Could you set down exactly the lines of the data below, starting at the one that holds "#76=EDGE_CURVE('',#70,#62,#75,.T.);" and ending at the one that holds "#85=FACE_OUTER_BOUND('',#84,.T.);", both included, and only those?
(Source data begins)
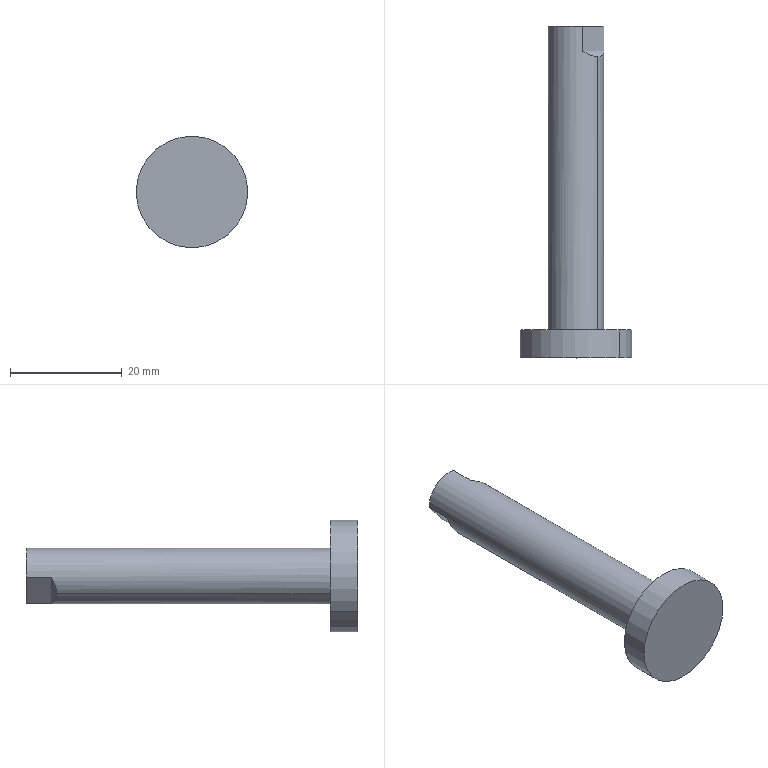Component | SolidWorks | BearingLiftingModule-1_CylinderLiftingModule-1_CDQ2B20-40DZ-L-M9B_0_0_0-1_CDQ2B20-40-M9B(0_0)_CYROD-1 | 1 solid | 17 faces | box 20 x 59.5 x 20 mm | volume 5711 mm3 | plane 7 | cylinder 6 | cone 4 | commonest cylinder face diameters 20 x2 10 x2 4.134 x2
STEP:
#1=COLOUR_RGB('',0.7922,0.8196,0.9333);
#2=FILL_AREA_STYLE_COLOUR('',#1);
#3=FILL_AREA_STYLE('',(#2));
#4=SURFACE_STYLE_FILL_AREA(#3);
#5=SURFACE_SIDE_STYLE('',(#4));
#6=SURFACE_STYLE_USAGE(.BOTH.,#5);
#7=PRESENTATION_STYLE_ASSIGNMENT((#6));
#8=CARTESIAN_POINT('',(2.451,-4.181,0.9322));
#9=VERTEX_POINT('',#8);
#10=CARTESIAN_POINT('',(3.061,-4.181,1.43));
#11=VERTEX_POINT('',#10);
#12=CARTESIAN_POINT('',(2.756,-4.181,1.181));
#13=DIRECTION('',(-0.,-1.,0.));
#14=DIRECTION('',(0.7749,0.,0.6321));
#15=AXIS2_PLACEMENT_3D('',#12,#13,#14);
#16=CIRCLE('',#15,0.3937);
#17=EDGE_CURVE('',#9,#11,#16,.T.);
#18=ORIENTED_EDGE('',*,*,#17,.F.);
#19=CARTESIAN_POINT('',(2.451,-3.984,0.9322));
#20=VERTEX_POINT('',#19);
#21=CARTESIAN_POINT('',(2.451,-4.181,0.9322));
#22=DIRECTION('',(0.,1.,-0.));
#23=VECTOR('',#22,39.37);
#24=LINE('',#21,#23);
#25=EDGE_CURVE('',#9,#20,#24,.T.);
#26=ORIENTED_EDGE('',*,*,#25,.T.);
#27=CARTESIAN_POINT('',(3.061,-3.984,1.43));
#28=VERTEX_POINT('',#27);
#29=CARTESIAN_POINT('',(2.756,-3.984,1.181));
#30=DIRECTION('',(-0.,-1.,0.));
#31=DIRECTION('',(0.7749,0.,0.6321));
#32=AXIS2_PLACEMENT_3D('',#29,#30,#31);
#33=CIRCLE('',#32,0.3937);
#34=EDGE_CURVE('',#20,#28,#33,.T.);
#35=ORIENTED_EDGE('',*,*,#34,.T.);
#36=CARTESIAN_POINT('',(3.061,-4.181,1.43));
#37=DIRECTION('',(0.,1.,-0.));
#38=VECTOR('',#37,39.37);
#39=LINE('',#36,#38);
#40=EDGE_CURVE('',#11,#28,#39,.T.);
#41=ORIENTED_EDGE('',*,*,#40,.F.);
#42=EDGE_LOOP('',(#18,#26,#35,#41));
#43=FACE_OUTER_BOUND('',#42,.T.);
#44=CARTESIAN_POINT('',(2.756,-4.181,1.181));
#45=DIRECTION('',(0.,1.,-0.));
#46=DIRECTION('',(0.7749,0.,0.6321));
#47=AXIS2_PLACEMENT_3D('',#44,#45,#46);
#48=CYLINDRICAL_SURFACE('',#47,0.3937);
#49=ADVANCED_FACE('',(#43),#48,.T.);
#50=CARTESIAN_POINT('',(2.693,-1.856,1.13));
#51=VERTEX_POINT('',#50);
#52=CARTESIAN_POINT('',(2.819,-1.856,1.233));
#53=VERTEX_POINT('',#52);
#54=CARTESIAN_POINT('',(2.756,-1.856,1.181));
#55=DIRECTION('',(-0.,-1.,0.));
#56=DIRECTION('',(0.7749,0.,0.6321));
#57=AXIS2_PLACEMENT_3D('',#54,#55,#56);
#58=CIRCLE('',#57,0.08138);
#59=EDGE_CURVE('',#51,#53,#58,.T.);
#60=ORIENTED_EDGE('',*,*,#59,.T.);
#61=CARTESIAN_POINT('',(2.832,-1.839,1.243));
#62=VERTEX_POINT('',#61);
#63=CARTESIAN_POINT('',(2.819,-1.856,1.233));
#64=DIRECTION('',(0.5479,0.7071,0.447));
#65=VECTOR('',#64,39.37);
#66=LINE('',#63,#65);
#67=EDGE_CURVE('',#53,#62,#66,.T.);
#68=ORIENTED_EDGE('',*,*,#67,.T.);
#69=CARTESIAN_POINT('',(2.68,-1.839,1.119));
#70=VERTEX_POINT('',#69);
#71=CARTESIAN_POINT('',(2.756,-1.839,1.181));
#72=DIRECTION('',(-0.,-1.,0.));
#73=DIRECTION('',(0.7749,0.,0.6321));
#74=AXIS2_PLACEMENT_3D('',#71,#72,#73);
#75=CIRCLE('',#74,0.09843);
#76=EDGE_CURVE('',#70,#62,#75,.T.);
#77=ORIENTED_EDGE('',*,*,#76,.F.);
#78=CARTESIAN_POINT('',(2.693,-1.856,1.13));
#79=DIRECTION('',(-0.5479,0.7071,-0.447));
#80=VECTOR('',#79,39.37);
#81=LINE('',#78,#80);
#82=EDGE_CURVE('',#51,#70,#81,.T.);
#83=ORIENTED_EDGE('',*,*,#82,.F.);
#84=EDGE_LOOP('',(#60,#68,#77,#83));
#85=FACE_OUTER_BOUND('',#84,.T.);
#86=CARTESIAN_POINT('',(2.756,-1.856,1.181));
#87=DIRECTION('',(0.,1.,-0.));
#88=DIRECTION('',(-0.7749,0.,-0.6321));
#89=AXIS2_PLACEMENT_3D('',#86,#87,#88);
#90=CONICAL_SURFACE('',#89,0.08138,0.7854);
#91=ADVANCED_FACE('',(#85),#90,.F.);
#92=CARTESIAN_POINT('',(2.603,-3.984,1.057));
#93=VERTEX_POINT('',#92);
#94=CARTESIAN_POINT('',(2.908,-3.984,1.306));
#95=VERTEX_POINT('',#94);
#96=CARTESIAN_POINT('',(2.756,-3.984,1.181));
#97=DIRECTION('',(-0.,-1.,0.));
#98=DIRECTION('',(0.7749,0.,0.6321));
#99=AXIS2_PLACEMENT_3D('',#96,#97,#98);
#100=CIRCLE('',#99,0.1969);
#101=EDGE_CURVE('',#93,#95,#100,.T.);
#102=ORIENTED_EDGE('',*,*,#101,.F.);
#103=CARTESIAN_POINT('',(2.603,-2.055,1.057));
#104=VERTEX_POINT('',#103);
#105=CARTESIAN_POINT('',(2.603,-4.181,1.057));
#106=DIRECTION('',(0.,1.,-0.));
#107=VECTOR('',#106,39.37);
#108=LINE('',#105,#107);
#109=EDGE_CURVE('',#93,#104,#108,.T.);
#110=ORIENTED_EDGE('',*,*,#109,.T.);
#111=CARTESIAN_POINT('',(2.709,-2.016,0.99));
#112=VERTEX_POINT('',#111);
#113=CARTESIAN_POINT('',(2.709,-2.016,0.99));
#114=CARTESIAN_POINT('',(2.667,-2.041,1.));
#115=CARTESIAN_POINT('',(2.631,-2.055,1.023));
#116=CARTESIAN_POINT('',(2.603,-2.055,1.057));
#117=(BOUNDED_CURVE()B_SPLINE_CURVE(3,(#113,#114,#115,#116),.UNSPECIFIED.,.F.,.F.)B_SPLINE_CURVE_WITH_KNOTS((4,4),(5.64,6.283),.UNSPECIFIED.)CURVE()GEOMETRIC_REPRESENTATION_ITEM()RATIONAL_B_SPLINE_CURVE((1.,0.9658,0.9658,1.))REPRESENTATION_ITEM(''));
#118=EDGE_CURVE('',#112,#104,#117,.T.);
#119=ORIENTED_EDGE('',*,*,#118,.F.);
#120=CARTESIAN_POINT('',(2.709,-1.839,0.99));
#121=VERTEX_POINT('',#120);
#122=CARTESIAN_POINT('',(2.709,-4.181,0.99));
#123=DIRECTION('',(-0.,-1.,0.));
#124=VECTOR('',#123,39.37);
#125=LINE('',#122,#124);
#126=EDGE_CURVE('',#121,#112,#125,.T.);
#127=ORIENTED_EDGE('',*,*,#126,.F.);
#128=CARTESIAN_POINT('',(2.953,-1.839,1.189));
(Source data ends)
> _Answer section_
#76=EDGE_CURVE('',#70,#62,#75,.T.);
#77=ORIENTED_EDGE('',*,*,#76,.F.);
#78=CARTESIAN_POINT('',(2.693,-1.856,1.13));
#79=DIRECTION('',(-0.5479,0.7071,-0.447));
#80=VECTOR('',#79,39.37);
#81=LINE('',#78,#80);
#82=EDGE_CURVE('',#51,#70,#81,.T.);
#83=ORIENTED_EDGE('',*,*,#82,.F.);
#84=EDGE_LOOP('',(#60,#68,#77,#83));
#85=FACE_OUTER_BOUND('',#84,.T.);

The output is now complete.